Instructions for the task >>
A faithful copy of all the records is needed, with the pictures omitted.

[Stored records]
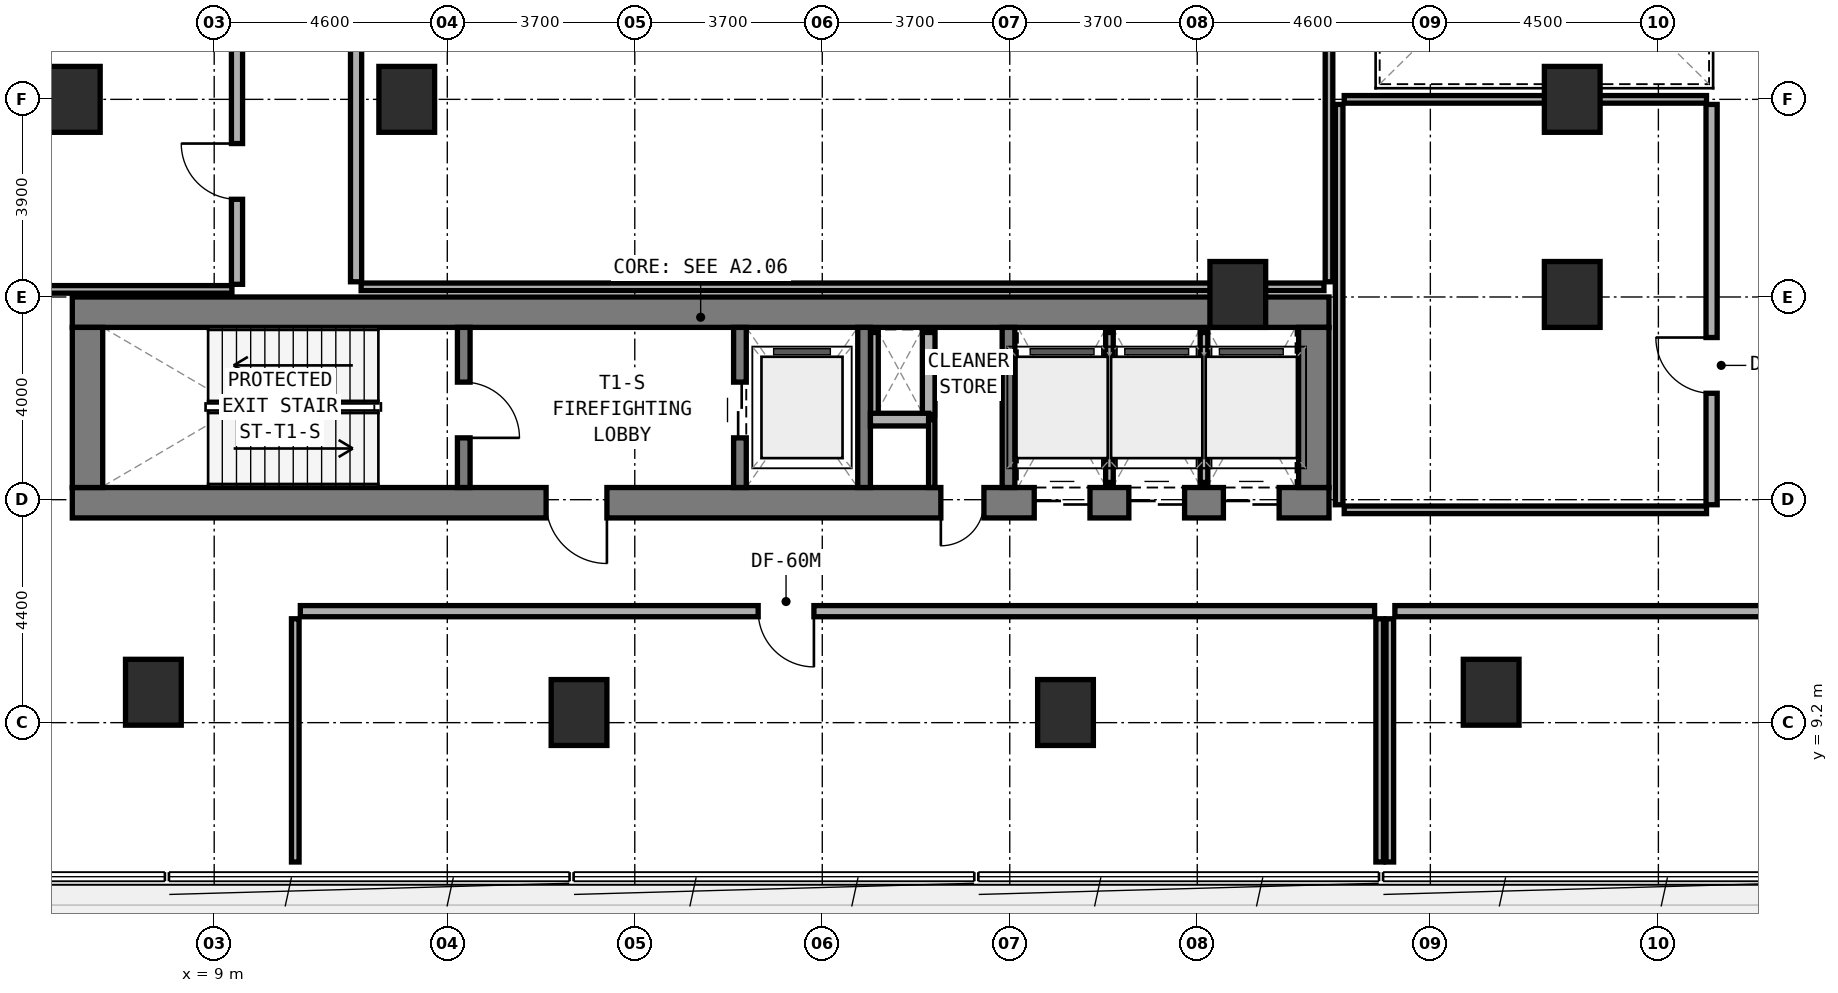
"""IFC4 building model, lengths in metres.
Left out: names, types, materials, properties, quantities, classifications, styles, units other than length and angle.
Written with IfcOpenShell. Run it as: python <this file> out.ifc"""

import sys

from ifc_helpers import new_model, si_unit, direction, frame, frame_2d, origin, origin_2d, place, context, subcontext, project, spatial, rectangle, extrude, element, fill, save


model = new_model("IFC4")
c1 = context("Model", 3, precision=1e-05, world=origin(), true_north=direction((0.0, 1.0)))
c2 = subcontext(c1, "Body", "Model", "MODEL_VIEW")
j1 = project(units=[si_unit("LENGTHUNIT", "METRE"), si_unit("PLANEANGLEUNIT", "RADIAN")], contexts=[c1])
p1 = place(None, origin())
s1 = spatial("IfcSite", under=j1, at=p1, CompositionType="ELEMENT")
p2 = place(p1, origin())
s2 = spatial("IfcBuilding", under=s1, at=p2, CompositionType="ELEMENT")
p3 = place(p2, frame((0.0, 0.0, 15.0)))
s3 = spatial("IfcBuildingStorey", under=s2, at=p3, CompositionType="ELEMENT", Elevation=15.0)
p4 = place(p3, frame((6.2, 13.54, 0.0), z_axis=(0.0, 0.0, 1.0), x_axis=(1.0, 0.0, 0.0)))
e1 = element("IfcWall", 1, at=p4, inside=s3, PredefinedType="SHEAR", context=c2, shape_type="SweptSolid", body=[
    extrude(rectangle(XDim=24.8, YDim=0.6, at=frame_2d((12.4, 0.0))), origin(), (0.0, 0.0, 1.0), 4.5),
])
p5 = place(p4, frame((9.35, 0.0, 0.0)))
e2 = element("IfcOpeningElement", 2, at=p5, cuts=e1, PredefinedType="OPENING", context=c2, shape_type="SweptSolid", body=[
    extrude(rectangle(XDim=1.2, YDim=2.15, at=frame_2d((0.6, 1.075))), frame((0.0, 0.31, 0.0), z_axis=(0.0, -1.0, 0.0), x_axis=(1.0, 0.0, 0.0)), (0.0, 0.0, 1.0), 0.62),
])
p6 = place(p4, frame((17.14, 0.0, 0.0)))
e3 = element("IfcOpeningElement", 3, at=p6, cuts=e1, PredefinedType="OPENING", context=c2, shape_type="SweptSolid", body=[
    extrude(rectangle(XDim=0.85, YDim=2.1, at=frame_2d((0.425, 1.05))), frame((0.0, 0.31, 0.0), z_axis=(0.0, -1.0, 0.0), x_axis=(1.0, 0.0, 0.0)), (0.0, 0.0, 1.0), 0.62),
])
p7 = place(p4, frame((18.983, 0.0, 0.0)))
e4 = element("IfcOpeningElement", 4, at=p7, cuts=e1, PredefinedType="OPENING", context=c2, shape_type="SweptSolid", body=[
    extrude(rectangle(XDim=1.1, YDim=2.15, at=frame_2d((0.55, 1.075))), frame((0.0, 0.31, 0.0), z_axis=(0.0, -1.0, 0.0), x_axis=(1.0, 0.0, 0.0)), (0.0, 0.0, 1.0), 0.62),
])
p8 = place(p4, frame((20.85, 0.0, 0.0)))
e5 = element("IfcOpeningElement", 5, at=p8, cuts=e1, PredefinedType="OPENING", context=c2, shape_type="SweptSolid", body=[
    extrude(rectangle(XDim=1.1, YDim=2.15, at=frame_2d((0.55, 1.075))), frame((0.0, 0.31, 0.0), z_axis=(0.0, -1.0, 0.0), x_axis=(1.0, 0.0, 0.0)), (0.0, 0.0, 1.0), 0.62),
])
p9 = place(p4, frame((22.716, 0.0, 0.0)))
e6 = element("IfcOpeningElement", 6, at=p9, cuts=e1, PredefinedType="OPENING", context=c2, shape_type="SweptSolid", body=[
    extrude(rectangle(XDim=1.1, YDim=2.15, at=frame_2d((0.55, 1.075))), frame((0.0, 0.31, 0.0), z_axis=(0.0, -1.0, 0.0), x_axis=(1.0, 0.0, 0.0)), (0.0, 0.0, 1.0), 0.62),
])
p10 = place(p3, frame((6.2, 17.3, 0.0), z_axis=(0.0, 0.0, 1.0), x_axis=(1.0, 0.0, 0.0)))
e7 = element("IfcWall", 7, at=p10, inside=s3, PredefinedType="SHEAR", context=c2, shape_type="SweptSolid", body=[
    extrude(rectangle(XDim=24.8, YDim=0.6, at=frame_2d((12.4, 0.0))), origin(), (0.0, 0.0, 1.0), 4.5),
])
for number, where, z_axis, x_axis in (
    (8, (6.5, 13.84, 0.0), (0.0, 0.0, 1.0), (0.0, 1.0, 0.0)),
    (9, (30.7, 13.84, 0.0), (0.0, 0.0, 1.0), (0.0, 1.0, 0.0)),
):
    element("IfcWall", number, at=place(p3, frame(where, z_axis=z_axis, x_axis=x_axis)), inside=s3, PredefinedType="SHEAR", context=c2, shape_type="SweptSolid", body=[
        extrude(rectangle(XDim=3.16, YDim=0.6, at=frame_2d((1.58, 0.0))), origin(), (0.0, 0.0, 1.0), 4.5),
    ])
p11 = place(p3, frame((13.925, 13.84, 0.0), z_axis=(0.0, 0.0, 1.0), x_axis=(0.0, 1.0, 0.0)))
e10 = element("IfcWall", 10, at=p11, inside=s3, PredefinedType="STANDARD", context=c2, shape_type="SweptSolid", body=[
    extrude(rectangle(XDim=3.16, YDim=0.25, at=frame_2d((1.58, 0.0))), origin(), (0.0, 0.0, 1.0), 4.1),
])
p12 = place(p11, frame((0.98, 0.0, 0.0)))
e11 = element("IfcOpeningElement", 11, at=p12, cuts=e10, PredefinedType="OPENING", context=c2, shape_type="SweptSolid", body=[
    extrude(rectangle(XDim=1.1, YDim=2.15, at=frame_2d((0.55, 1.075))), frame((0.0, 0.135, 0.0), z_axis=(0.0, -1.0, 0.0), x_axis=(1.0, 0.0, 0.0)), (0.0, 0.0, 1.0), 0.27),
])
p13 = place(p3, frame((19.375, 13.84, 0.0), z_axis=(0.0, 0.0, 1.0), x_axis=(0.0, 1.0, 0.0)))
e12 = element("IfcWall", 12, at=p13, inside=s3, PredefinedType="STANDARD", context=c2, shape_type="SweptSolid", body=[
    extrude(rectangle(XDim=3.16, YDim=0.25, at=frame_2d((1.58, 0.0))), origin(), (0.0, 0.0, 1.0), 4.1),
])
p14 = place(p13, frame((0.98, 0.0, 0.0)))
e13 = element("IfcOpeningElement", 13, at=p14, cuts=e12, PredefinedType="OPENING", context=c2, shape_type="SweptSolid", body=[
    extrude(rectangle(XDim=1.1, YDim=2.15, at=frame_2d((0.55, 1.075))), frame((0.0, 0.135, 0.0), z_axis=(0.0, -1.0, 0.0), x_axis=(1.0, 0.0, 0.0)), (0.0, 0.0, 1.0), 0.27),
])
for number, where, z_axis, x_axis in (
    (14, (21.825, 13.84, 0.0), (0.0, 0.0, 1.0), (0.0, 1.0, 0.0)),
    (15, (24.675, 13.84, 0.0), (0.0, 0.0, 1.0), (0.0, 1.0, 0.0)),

Response area >>
"""IFC4 building model, lengths in metres.
Left out: names, types, materials, properties, quantities, classifications, styles, units other than length and angle.
Written with IfcOpenShell. Run it as: python <this file> out.ifc"""

import sys

from ifc_helpers import new_model, si_unit, direction, frame, frame_2d, origin, origin_2d, place, context, subcontext, project, spatial, rectangle, extrude, element, fill, save


model = new_model("IFC4")
c1 = context("Model", 3, precision=1e-05, world=origin(), true_north=direction((0.0, 1.0)))
c2 = subcontext(c1, "Body", "Model", "MODEL_VIEW")
j1 = project(units=[si_unit("LENGTHUNIT", "METRE"), si_unit("PLANEANGLEUNIT", "RADIAN")], contexts=[c1])
p1 = place(None, origin())
s1 = spatial("IfcSite", under=j1, at=p1, CompositionType="ELEMENT")
p2 = place(p1, origin())
s2 = spatial("IfcBuilding", under=s1, at=p2, CompositionType="ELEMENT")
p3 = place(p2, frame((0.0, 0.0, 15.0)))
s3 = spatial("IfcBuildingStorey", under=s2, at=p3, CompositionType="ELEMENT", Elevation=15.0)
p4 = place(p3, frame((6.2, 13.54, 0.0), z_axis=(0.0, 0.0, 1.0), x_axis=(1.0, 0.0, 0.0)))
e1 = element("IfcWall", 1, at=p4, inside=s3, PredefinedType="SHEAR", context=c2, shape_type="SweptSolid", body=[
    extrude(rectangle(XDim=24.8, YDim=0.6, at=frame_2d((12.4, 0.0))), origin(), (0.0, 0.0, 1.0), 4.5),
])
p5 = place(p4, frame((9.35, 0.0, 0.0)))
e2 = element("IfcOpeningElement", 2, at=p5, cuts=e1, PredefinedType="OPENING", context=c2, shape_type="SweptSolid", body=[
    extrude(rectangle(XDim=1.2, YDim=2.15, at=frame_2d((0.6, 1.075))), frame((0.0, 0.31, 0.0), z_axis=(0.0, -1.0, 0.0), x_axis=(1.0, 0.0, 0.0)), (0.0, 0.0, 1.0), 0.62),
])
p6 = place(p4, frame((17.14, 0.0, 0.0)))
e3 = element("IfcOpeningElement", 3, at=p6, cuts=e1, PredefinedType="OPENING", context=c2, shape_type="SweptSolid", body=[
    extrude(rectangle(XDim=0.85, YDim=2.1, at=frame_2d((0.425, 1.05))), frame((0.0, 0.31, 0.0), z_axis=(0.0, -1.0, 0.0), x_axis=(1.0, 0.0, 0.0)), (0.0, 0.0, 1.0), 0.62),
])
p7 = place(p4, frame((18.983, 0.0, 0.0)))
e4 = element("IfcOpeningElement", 4, at=p7, cuts=e1, PredefinedType="OPENING", context=c2, shape_type="SweptSolid", body=[
    extrude(rectangle(XDim=1.1, YDim=2.15, at=frame_2d((0.55, 1.075))), frame((0.0, 0.31, 0.0), z_axis=(0.0, -1.0, 0.0), x_axis=(1.0, 0.0, 0.0)), (0.0, 0.0, 1.0), 0.62),
])
p8 = place(p4, frame((20.85, 0.0, 0.0)))
e5 = element("IfcOpeningElement", 5, at=p8, cuts=e1, PredefinedType="OPENING", context=c2, shape_type="SweptSolid", body=[
    extrude(rectangle(XDim=1.1, YDim=2.15, at=frame_2d((0.55, 1.075))), frame((0.0, 0.31, 0.0), z_axis=(0.0, -1.0, 0.0), x_axis=(1.0, 0.0, 0.0)), (0.0, 0.0, 1.0), 0.62),
])
p9 = place(p4, frame((22.716, 0.0, 0.0)))
e6 = element("IfcOpeningElement", 6, at=p9, cuts=e1, PredefinedType="OPENING", context=c2, shape_type="SweptSolid", body=[
    extrude(rectangle(XDim=1.1, YDim=2.15, at=frame_2d((0.55, 1.075))), frame((0.0, 0.31, 0.0), z_axis=(0.0, -1.0, 0.0), x_axis=(1.0, 0.0, 0.0)), (0.0, 0.0, 1.0), 0.62),
])
p10 = place(p3, frame((6.2, 17.3, 0.0), z_axis=(0.0, 0.0, 1.0), x_axis=(1.0, 0.0, 0.0)))
e7 = element("IfcWall", 7, at=p10, inside=s3, PredefinedType="SHEAR", context=c2, shape_type="SweptSolid", body=[
    extrude(rectangle(XDim=24.8, YDim=0.6, at=frame_2d((12.4, 0.0))), origin(), (0.0, 0.0, 1.0), 4.5),
])
for number, where, z_axis, x_axis in (
    (8, (6.5, 13.84, 0.0), (0.0, 0.0, 1.0), (0.0, 1.0, 0.0)),
    (9, (30.7, 13.84, 0.0), (0.0, 0.0, 1.0), (0.0, 1.0, 0.0)),
):
    element("IfcWall", number, at=place(p3, frame(where, z_axis=z_axis, x_axis=x_axis)), inside=s3, PredefinedType="SHEAR", context=c2, shape_type="SweptSolid", body=[
        extrude(rectangle(XDim=3.16, YDim=0.6, at=frame_2d((1.58, 0.0))), origin(), (0.0, 0.0, 1.0), 4.5),
    ])
p11 = place(p3, frame((13.925, 13.84, 0.0), z_axis=(0.0, 0.0, 1.0), x_axis=(0.0, 1.0, 0.0)))
e10 = element("IfcWall", 10, at=p11, inside=s3, PredefinedType="STANDARD", context=c2, shape_type="SweptSolid", body=[
    extrude(rectangle(XDim=3.16, YDim=0.25, at=frame_2d((1.58, 0.0))), origin(), (0.0, 0.0, 1.0), 4.1),
])
p12 = place(p11, frame((0.98, 0.0, 0.0)))
e11 = element("IfcOpeningElement", 11, at=p12, cuts=e10, PredefinedType="OPENING", context=c2, shape_type="SweptSolid", body=[
    extrude(rectangle(XDim=1.1, YDim=2.15, at=frame_2d((0.55, 1.075))), frame((0.0, 0.135, 0.0), z_axis=(0.0, -1.0, 0.0), x_axis=(1.0, 0.0, 0.0)), (0.0, 0.0, 1.0), 0.27),
])
p13 = place(p3, frame((19.375, 13.84, 0.0), z_axis=(0.0, 0.0, 1.0), x_axis=(0.0, 1.0, 0.0)))
e12 = element("IfcWall", 12, at=p13, inside=s3, PredefinedType="STANDARD", context=c2, shape_type="SweptSolid", body=[
    extrude(rectangle(XDim=3.16, YDim=0.25, at=frame_2d((1.58, 0.0))), origin(), (0.0, 0.0, 1.0), 4.1),
])
p14 = place(p13, frame((0.98, 0.0, 0.0)))
e13 = element("IfcOpeningElement", 13, at=p14, cuts=e12, PredefinedType="OPENING", context=c2, shape_type="SweptSolid", body=[
    extrude(rectangle(XDim=1.1, YDim=2.15, at=frame_2d((0.55, 1.075))), frame((0.0, 0.135, 0.0), z_axis=(0.0, -1.0, 0.0), x_axis=(1.0, 0.0, 0.0)), (0.0, 0.0, 1.0), 0.27),
])
for number, where, z_axis, x_axis in (
    (14, (21.825, 13.84, 0.0), (0.0, 0.0, 1.0), (0.0, 1.0, 0.0)),
    (15, (24.675, 13.84, 0.0), (0.0, 0.0, 1.0), (0.0, 1.0, 0.0)),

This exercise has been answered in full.